> _Exercise directions_:
Check each line of the listing for the string "ezdxf". Copy those where it appears.

++++ Supplied data ++++

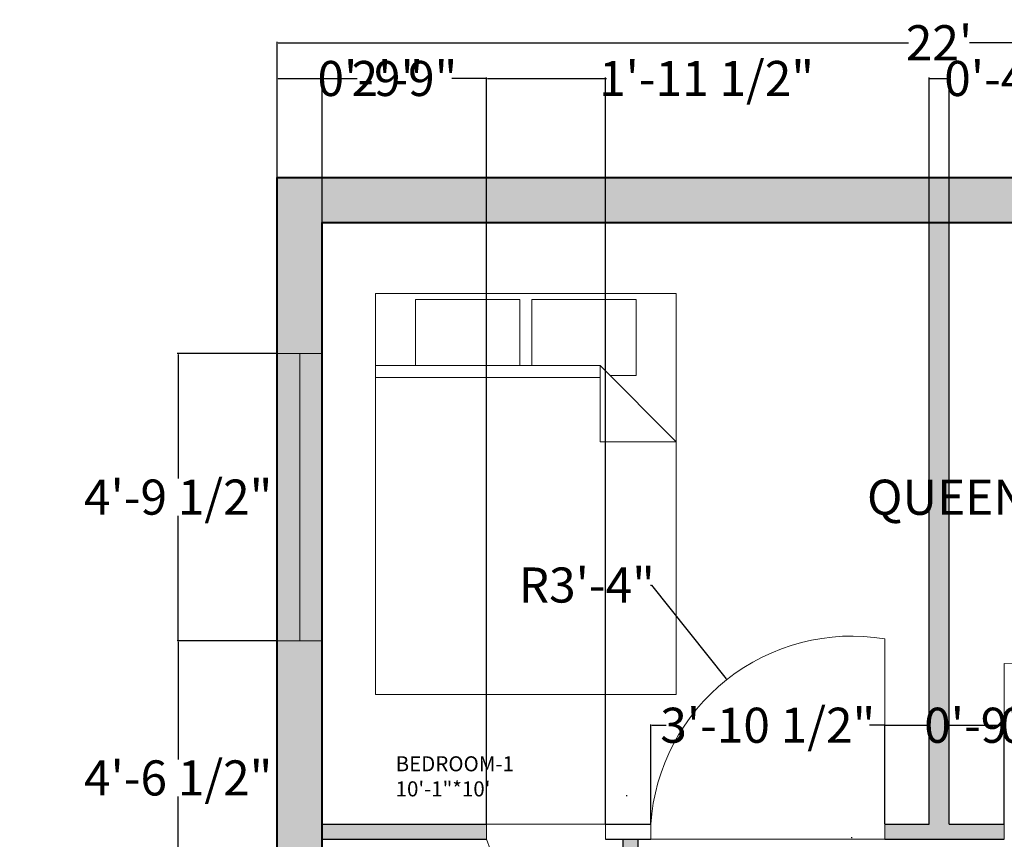
# Model space of a CAD drawing. Units: inches. Extents: x 4466 to 4826, y 3691 to 4152.
# Tile 3 of 4: x 4466 to 4663, y 3988 to 4152. Entities that reach past the tile are written whole.
import ezdxf

# ---------------------------------------------------------------- set-up
doc = ezdxf.new("R2010")
doc.units = ezdxf.units.IN
doc.header["$MEASUREMENT"] = 0
for name, color, linetype, lineweight in [('A-ANNO-DIMS', 2, 'Continuous', 13), ('A-DOOR', 3, 'Continuous', 18), ('A-FLOR-FIXT', 8, 'Continuous', 18), ('A-GLAZ', 4, 'Continuous', 13), ('A-GLAZ-PATT', 9, 'Continuous', 13), ('A-TEXT-ROOM', 7, 'Continuous', 18), ('A-WALL-EXTR', 7, 'Continuous', 40), ('A-WALL-INTR', 7, 'Continuous', 25), ('A-WALL-PATT', 251, 'Continuous', 13)]:
    doc.layers.add(name, color=color, linetype=linetype, lineweight=lineweight)
doc.styles.get("Standard").update_dxf_attribs({"font": 'arial.ttf'})
doc.dimstyles.get("Standard").update_dxf_attribs({"dimtxt": 7, "dimasz": 0.18, "dimexe": 0.18, "dimexo": 0.0625, "dimgap": 0.09, "dimtad": 0, "dimtih": 1, "dimtoh": 1, "dimdec": 0, "dimzin": 0, "dimdsep": 46, "dimlunit": 3, "dimtxsty": 'Standard', "dimcen": 0.09, "dimadec": 0, "dimazin": 0, "dimtfac": 1, "dimtdec": 0, "dimtofl": 0, "dimtmove": 0, "dimatfit": 3, "dimfxl": 1, "dimtolj": 1, "dimtzin": 0, "dimarcsym": 0})

# ---------------------------------------------------------------- blocks, each defined once
blk = doc.blocks.new('Bed - Queen')
for p, q in [((0, -80.00003), (0, 0)), ((0, 0), (59.99999, 0)), ((59.99999, 0), (59.99999, -80.00003)), ((7.99999, -1.2), (28.79998, -1.2)), ((7.99999, -14.4), (7.99999, -1.2)), ((28.79998, -1.2), (28.79998, -14.4)), ((31.19999, -1.2), (51.99999, -1.2)), ((31.19999, -14.4), (31.19999, -1.2)), ((51.99999, -1.2), (51.99999, -16.4)), ((0, -14.4), (44.8, -14.4)), ((59.99999, -29.6), (44.8, -14.4)), ((44.8, -14.4), (44.8, -29.6)), ((44.8, -16.8), (0, -16.8)), ((51.99999, -16.4), (46.79936, -16.4)), ((44.8, -29.6), (59.99999, -29.6)), ((59.99999, -80.00003), (0, -80.00003))]:
    blk.add_line(p, q)
blk = doc.blocks.new('*D7')
at = {"layer": 'A-ANNO-DIMS', "color": 0, "lineweight": -2, "transparency": 16777216}
for p, q in [((4517.73, 4120.34), (4517.73, 4147.34)), ((4517.91, 4147.16), (4643.64, 4147.16)), ((4781.55, 4147.16), (4655.82, 4147.16)), ((4781.73, 4120.34), (4781.73, 4147.34))]:
    blk.add_line(p, q, dxfattribs=at)
at = {"layer": 'A-ANNO-DIMS', "color": 0, "transparency": 16777216}
for points in [[(4517.91, 4147.19), (4517.91, 4147.13), (4517.73, 4147.16)], [(4781.55, 4147.19), (4781.55, 4147.13), (4781.73, 4147.16)]]:
    blk.add_solid(points, dxfattribs=at)
at = {"layer": 'Defpoints', "color": 0, "transparency": 16777216}
for p in [(4781.73, 4147.16), (4517.73, 4120.28), (4781.73, 4120.28)]:
    blk.add_point(p, dxfattribs=at)
at = {"layer": 'A-ANNO-DIMS', "color": 0, "transparency": 16777216, "insert": (4649.73, 4147.16), "char_height": 7, "attachment_point": 5}
blk.add_mtext("\\A1;22'", dxfattribs=at)
blk = doc.blocks.new('*D8')
at = {"layer": 'A-ANNO-DIMS', "color": 0, "lineweight": -2, "transparency": 16777216}
for p, q in [((4696.1, 4096.51), (4683.98, 4096.51)), ((4684.16, 4096.33), (4684.16, 4060.43)), ((4684.16, 4016.69), (4684.16, 4052.59)), ((4696.1, 4016.51), (4683.98, 4016.51))]:
    blk.add_line(p, q, dxfattribs=at)
at = {"layer": 'A-ANNO-DIMS', "color": 0, "transparency": 16777216}
for points in [[(4684.13, 4096.33), (4684.19, 4096.33), (4684.16, 4096.51)], [(4684.13, 4016.69), (4684.19, 4016.69), (4684.16, 4016.51)]]:
    blk.add_solid(points, dxfattribs=at)
at = {"layer": 'Defpoints', "color": 0, "transparency": 16777216}
for p in [(4684.16, 4096.51), (4696.16, 4096.51), (4696.16, 4016.51)]:
    blk.add_point(p, dxfattribs=at)
at = {"layer": 'A-ANNO-DIMS', "color": 0, "transparency": 16777216, "insert": (4684.16, 4056.51), "char_height": 7, "attachment_point": 5}
blk.add_mtext('\\A1;QUEEN BED 6\'-8" TYP.', dxfattribs=at)
blk = doc.blocks.new('*D10')
at = {"layer": 'A-ANNO-DIMS', "color": 0, "lineweight": -2, "transparency": 16777216}
for p, q in [((4527.05, 3975.44), (4526.87, 3975.44)), ((4527.05, 3970.54), (4527.05, 3975.62)), ((4559.92, 3975.44), (4527.23, 3975.44)), ((4560.1, 3970.54), (4560.1, 3975.62))]:
    blk.add_line(p, q, dxfattribs=at)
at = {"layer": 'A-ANNO-DIMS', "color": 0, "transparency": 16777216}
for points in [[(4527.23, 3975.47), (4527.23, 3975.41), (4527.05, 3975.44)], [(4559.92, 3975.47), (4559.92, 3975.41), (4560.1, 3975.44)]]:
    blk.add_solid(points, dxfattribs=at)
at = {"layer": 'Defpoints', "color": 0, "transparency": 16777216}
for p in [(4527.05, 3975.44), (4527.05, 3970.48), (4560.1, 3970.48)]:
    blk.add_point(p, dxfattribs=at)
at = {"layer": 'A-ANNO-DIMS', "color": 0, "transparency": 16777216, "insert": (4495.8, 3975.44), "char_height": 7, "attachment_point": 5}
blk.add_mtext('\\A1;WC 2\'-9" TYP.', dxfattribs=at)
blk = doc.blocks.new('*D26')
at = {"layer": 'A-ANNO-DIMS', "color": 0, "lineweight": -2, "transparency": 16777216}
for p, q in [((4517.67, 4027.88), (4497.8, 4027.88)), ((4497.98, 4027.7), (4497.98, 4004.23)), ((4497.98, 3973.33), (4497.98, 3996.81)), ((4517.67, 3973.15), (4497.8, 3973.15))]:
    blk.add_line(p, q, dxfattribs=at)
at = {"layer": 'A-ANNO-DIMS', "color": 0, "transparency": 16777216}
for points in [[(4497.95, 4027.7), (4498.01, 4027.7), (4497.98, 4027.88)], [(4497.95, 3973.33), (4498.01, 3973.33), (4497.98, 3973.15)]]:
    blk.add_solid(points, dxfattribs=at)
at = {"layer": 'Defpoints', "color": 0, "transparency": 16777216}
for p in [(4497.98, 4027.88), (4517.73, 4027.88), (4517.73, 3973.15)]:
    blk.add_point(p, dxfattribs=at)
at = {"layer": 'A-ANNO-DIMS', "color": 0, "transparency": 16777216, "insert": (4497.98, 4000.52), "char_height": 7, "attachment_point": 5}
blk.add_mtext('\\A1;4\'-6 1/2"', dxfattribs=at)
blk = doc.blocks.new('*D27')
at = {"layer": 'A-ANNO-DIMS', "color": 0, "lineweight": -2, "transparency": 16777216}
for p, q in [((4517.67, 4085.19), (4497.8, 4085.19)), ((4497.98, 4085.01), (4497.98, 4060.24)), ((4497.98, 4028.06), (4497.98, 4052.82)), ((4517.67, 4027.88), (4497.8, 4027.88))]:
    blk.add_line(p, q, dxfattribs=at)
at = {"layer": 'A-ANNO-DIMS', "color": 0, "transparency": 16777216}
for points in [[(4497.95, 4085.01), (4498.01, 4085.01), (4497.98, 4085.19)], [(4497.95, 4028.06), (4498.01, 4028.06), (4497.98, 4027.88)]]:
    blk.add_solid(points, dxfattribs=at)
at = {"layer": 'Defpoints', "color": 0, "transparency": 16777216}
for p in [(4497.98, 4085.19), (4517.73, 4085.19), (4517.73, 4027.88)]:
    blk.add_point(p, dxfattribs=at)
at = {"layer": 'A-ANNO-DIMS', "color": 0, "transparency": 16777216, "insert": (4497.98, 4056.53), "char_height": 7, "attachment_point": 5}
blk.add_mtext('\\A1;4\'-9 1/2"', dxfattribs=at)
blk = doc.blocks.new('*D44')
at = {"layer": 'A-ANNO-DIMS', "color": 0, "lineweight": -2, "transparency": 16777216}
for p, q in [((4559.49, 3991.34), (4559.49, 4140.21)), ((4559.67, 4140.03), (4583.06, 4140.03)), ((4583.24, 3991.34), (4583.24, 4140.21)), ((4583.24, 4140.03), (4583.42, 4140.03))]:
    blk.add_line(p, q, dxfattribs=at)
at = {"layer": 'A-ANNO-DIMS', "color": 0, "transparency": 16777216}
for points in [[(4559.67, 4140.06), (4559.67, 4140), (4559.49, 4140.03)], [(4583.06, 4140.06), (4583.06, 4140), (4583.24, 4140.03)]]:
    blk.add_solid(points, dxfattribs=at)
at = {"layer": 'Defpoints', "color": 0, "transparency": 16777216}
for p in [(4583.24, 4140.03), (4559.49, 3991.28), (4583.24, 3991.28)]:
    blk.add_point(p, dxfattribs=at)
at = {"layer": 'A-ANNO-DIMS', "color": 0, "transparency": 16777216, "insert": (4603.36, 4140.03), "char_height": 7, "attachment_point": 5}
blk.add_mtext('\\A1;1\'-11 1/2"', dxfattribs=at)
blk = doc.blocks.new('*D45')
at = {"layer": 'A-ANNO-DIMS', "color": 0, "lineweight": -2, "transparency": 16777216}
for p, q in [((4526.73, 3991.34), (4526.73, 4140.21)), ((4526.91, 4140.03), (4533.66, 4140.03)), ((4559.31, 4140.03), (4552.57, 4140.03)), ((4559.49, 3991.34), (4559.49, 4140.21))]:
    blk.add_line(p, q, dxfattribs=at)
at = {"layer": 'A-ANNO-DIMS', "color": 0, "transparency": 16777216}
for points in [[(4526.91, 4140.06), (4526.91, 4140), (4526.73, 4140.03)], [(4559.31, 4140.06), (4559.31, 4140), (4559.49, 4140.03)]]:
    blk.add_solid(points, dxfattribs=at)
at = {"layer": 'Defpoints', "color": 0, "transparency": 16777216}
for p in [(4559.49, 4140.03), (4526.73, 3991.28), (4559.49, 3991.28)]:
    blk.add_point(p, dxfattribs=at)
at = {"layer": 'A-ANNO-DIMS', "color": 0, "transparency": 16777216, "insert": (4543.11, 4140.03), "char_height": 7, "attachment_point": 5}
blk.add_mtext('\\A1;2\'-9"', dxfattribs=at)
blk = doc.blocks.new('*D47')
at = {"layer": 'A-ANNO-DIMS', "color": 0, "lineweight": -2, "transparency": 16777216}
for p, q in [((4517.73, 4120.34), (4517.73, 4140.21)), ((4517.91, 4140.03), (4526.55, 4140.03)), ((4526.73, 4111.34), (4526.73, 4140.21)), ((4526.73, 4140.03), (4526.91, 4140.03))]:
    blk.add_line(p, q, dxfattribs=at)
at = {"layer": 'A-ANNO-DIMS', "color": 0, "transparency": 16777216}
for points in [[(4517.91, 4140.06), (4517.91, 4140), (4517.73, 4140.03)], [(4526.55, 4140.06), (4526.55, 4140), (4526.73, 4140.03)]]:
    blk.add_solid(points, dxfattribs=at)
at = {"layer": 'Defpoints', "color": 0, "transparency": 16777216}
for p in [(4526.73, 4140.03), (4517.73, 4120.28), (4526.73, 4111.28)]:
    blk.add_point(p, dxfattribs=at)
at = {"layer": 'A-ANNO-DIMS', "color": 0, "transparency": 16777216, "insert": (4536.31, 4140.03), "char_height": 7, "attachment_point": 5}
blk.add_mtext('\\A1;0\'-9"', dxfattribs=at)
blk = doc.blocks.new('*D48')
at = {"layer": 'A-ANNO-DIMS', "color": 0, "lineweight": -2, "transparency": 16777216}
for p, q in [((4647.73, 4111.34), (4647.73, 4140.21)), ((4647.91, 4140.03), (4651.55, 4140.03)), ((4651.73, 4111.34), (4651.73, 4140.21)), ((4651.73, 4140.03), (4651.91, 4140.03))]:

++++

> _Exercise solution_:
import ezdxf
doc = ezdxf.new("R2010")
doc.units = ezdxf.units.IN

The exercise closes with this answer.